• [What the exercise asks]: In full and without alteration, write out the data below.

+ + +

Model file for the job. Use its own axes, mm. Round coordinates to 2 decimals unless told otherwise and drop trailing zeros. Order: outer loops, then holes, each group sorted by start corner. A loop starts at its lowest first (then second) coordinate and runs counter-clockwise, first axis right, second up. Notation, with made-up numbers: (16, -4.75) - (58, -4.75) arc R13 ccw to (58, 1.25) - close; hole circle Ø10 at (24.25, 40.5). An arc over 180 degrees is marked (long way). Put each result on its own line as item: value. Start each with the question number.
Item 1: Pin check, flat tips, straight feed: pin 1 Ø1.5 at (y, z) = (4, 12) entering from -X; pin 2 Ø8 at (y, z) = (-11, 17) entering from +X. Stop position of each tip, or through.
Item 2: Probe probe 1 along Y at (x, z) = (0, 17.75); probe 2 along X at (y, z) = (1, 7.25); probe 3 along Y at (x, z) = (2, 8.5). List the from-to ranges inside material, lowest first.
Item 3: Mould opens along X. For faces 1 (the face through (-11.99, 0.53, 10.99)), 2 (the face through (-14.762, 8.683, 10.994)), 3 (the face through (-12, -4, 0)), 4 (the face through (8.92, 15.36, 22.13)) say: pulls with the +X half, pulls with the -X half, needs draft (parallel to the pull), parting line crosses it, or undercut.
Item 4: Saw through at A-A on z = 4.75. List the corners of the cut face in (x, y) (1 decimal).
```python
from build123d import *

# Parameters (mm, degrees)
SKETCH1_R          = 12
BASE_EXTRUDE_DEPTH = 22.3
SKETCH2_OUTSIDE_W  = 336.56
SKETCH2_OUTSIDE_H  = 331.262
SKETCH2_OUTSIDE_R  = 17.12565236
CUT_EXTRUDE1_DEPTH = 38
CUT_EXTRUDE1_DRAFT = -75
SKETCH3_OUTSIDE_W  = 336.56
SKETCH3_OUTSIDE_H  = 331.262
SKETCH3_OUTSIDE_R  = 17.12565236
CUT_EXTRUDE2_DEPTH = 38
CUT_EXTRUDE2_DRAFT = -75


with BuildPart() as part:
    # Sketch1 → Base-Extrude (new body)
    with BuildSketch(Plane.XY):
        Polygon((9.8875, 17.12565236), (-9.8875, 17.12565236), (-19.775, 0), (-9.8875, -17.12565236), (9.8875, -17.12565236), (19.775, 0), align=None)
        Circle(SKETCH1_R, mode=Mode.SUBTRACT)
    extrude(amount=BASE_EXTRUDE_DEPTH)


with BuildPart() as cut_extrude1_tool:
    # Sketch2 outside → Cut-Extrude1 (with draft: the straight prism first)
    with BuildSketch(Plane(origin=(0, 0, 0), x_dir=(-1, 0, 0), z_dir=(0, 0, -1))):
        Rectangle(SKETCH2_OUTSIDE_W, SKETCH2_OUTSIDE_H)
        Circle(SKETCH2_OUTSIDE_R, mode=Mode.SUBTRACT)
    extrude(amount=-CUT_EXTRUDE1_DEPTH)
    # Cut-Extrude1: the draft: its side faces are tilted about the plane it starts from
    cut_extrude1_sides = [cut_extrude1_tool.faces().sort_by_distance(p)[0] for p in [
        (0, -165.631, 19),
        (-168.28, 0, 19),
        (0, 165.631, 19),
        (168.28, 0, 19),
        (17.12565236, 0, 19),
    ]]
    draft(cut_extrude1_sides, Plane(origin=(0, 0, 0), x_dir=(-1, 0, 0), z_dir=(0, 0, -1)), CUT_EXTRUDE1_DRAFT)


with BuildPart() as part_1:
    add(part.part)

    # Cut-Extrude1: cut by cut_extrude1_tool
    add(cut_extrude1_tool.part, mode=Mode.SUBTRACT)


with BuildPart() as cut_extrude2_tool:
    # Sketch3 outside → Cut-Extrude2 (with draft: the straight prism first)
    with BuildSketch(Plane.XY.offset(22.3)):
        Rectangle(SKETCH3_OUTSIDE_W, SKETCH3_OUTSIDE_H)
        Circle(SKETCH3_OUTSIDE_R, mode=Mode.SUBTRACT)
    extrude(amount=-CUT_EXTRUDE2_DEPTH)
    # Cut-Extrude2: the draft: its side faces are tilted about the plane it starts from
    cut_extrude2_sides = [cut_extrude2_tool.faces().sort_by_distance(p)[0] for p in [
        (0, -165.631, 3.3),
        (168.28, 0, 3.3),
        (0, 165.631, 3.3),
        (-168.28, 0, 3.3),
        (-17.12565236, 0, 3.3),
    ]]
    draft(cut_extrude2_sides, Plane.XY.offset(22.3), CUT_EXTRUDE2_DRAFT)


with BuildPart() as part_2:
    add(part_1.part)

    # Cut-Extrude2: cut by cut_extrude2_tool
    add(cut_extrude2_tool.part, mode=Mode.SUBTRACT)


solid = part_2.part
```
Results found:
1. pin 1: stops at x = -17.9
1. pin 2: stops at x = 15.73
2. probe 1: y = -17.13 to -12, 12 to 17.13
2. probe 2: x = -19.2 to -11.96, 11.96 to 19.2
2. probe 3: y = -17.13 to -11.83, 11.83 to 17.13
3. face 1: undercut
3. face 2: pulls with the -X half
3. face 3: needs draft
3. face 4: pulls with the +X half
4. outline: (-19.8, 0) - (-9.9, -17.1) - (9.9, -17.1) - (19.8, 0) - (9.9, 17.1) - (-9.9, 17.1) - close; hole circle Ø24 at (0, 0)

+ + +

• [Your solution]:
Model file for the job. Use its own axes, mm. Round coordinates to 2 decimals unless told otherwise and drop trailing zeros. Order: outer loops, then holes, each group sorted by start corner. A loop starts at its lowest first (then second) coordinate and runs counter-clockwise, first axis right, second up. Notation, with made-up numbers: (16, -4.75) - (58, -4.75) arc R13 ccw to (58, 1.25) - close; hole circle Ø10 at (24.25, 40.5). An arc over 180 degrees is marked (long way). Put each result on its own line as item: value. Start each with the question number.
Item 1: Pin check, flat tips, straight feed: pin 1 Ø1.5 at (y, z) = (4, 12) entering from -X; pin 2 Ø8 at (y, z) = (-11, 17) entering from +X. Stop position of each tip, or through.
Item 2: Probe probe 1 along Y at (x, z) = (0, 17.75); probe 2 along X at (y, z) = (1, 7.25); probe 3 along Y at (x, z) = (2, 8.5). List the from-to ranges inside material, lowest first.
Item 3: Mould opens along X. For faces 1 (the face through (-11.99, 0.53, 10.99)), 2 (the face through (-14.762, 8.683, 10.994)), 3 (the face through (-12, -4, 0)), 4 (the face through (8.92, 15.36, 22.13)) say: pulls with the +X half, pulls with the -X half, needs draft (parallel to the pull), parting line crosses it, or undercut.
Item 4: Saw through at A-A on z = 4.75. List the corners of the cut face in (x, y) (1 decimal).
```python
from build123d import *

# Parameters (mm, degrees)
SKETCH1_R          = 12
BASE_EXTRUDE_DEPTH = 22.3
SKETCH2_OUTSIDE_W  = 336.56
SKETCH2_OUTSIDE_H  = 331.262
SKETCH2_OUTSIDE_R  = 17.12565236
CUT_EXTRUDE1_DEPTH = 38
CUT_EXTRUDE1_DRAFT = -75
SKETCH3_OUTSIDE_W  = 336.56
SKETCH3_OUTSIDE_H  = 331.262
SKETCH3_OUTSIDE_R  = 17.12565236
CUT_EXTRUDE2_DEPTH = 38
CUT_EXTRUDE2_DRAFT = -75


with BuildPart() as part:
    # Sketch1 → Base-Extrude (new body)
    with BuildSketch(Plane.XY):
        Polygon((9.8875, 17.12565236), (-9.8875, 17.12565236), (-19.775, 0), (-9.8875, -17.12565236), (9.8875, -17.12565236), (19.775, 0), align=None)
        Circle(SKETCH1_R, mode=Mode.SUBTRACT)
    extrude(amount=BASE_EXTRUDE_DEPTH)


with BuildPart() as cut_extrude1_tool:
    # Sketch2 outside → Cut-Extrude1 (with draft: the straight prism first)
    with BuildSketch(Plane(origin=(0, 0, 0), x_dir=(-1, 0, 0), z_dir=(0, 0, -1))):
        Rectangle(SKETCH2_OUTSIDE_W, SKETCH2_OUTSIDE_H)
        Circle(SKETCH2_OUTSIDE_R, mode=Mode.SUBTRACT)
    extrude(amount=-CUT_EXTRUDE1_DEPTH)
    # Cut-Extrude1: the draft: its side faces are tilted about the plane it starts from
    cut_extrude1_sides = [cut_extrude1_tool.faces().sort_by_distance(p)[0] for p in [
        (0, -165.631, 19),
        (-168.28, 0, 19),
        (0, 165.631, 19),
        (168.28, 0, 19),
        (17.12565236, 0, 19),
    ]]
    draft(cut_extrude1_sides, Plane(origin=(0, 0, 0), x_dir=(-1, 0, 0), z_dir=(0, 0, -1)), CUT_EXTRUDE1_DRAFT)


with BuildPart() as part_1:
    add(part.part)

    # Cut-Extrude1: cut by cut_extrude1_tool
    add(cut_extrude1_tool.part, mode=Mode.SUBTRACT)


with BuildPart() as cut_extrude2_tool:
    # Sketch3 outside → Cut-Extrude2 (with draft: the straight prism first)
    with BuildSketch(Plane.XY.offset(22.3)):
        Rectangle(SKETCH3_OUTSIDE_W, SKETCH3_OUTSIDE_H)
        Circle(SKETCH3_OUTSIDE_R, mode=Mode.SUBTRACT)
    extrude(amount=-CUT_EXTRUDE2_DEPTH)
    # Cut-Extrude2: the draft: its side faces are tilted about the plane it starts from
    cut_extrude2_sides = [cut_extrude2_tool.faces().sort_by_distance(p)[0] for p in [
        (0, -165.631, 3.3),
        (168.28, 0, 3.3),
        (0, 165.631, 3.3),
        (-168.28, 0, 3.3),
        (-17.12565236, 0, 3.3),
    ]]
    draft(cut_extrude2_sides, Plane.XY.offset(22.3), CUT_EXTRUDE2_DRAFT)


with BuildPart() as part_2:
    add(part_1.part)

    # Cut-Extrude2: cut by cut_extrude2_tool
    add(cut_extrude2_tool.part, mode=Mode.SUBTRACT)


solid = part_2.part
```
Results found:
1. pin 1: stops at x = -17.9
1. pin 2: stops at x = 15.73
2. probe 1: y = -17.13 to -12, 12 to 17.13
2. probe 2: x = -19.2 to -11.96, 11.96 to 19.2
2. probe 3: y = -17.13 to -11.83, 11.83 to 17.13
3. face 1: undercut
3. face 2: pulls with the -X half
3. face 3: needs draft
3. face 4: pulls with the +X half
4. outline: (-19.8, 0) - (-9.9, -17.1) - (9.9, -17.1) - (19.8, 0) - (9.9, 17.1) - (-9.9, 17.1) - close; hole circle Ø24 at (0, 0)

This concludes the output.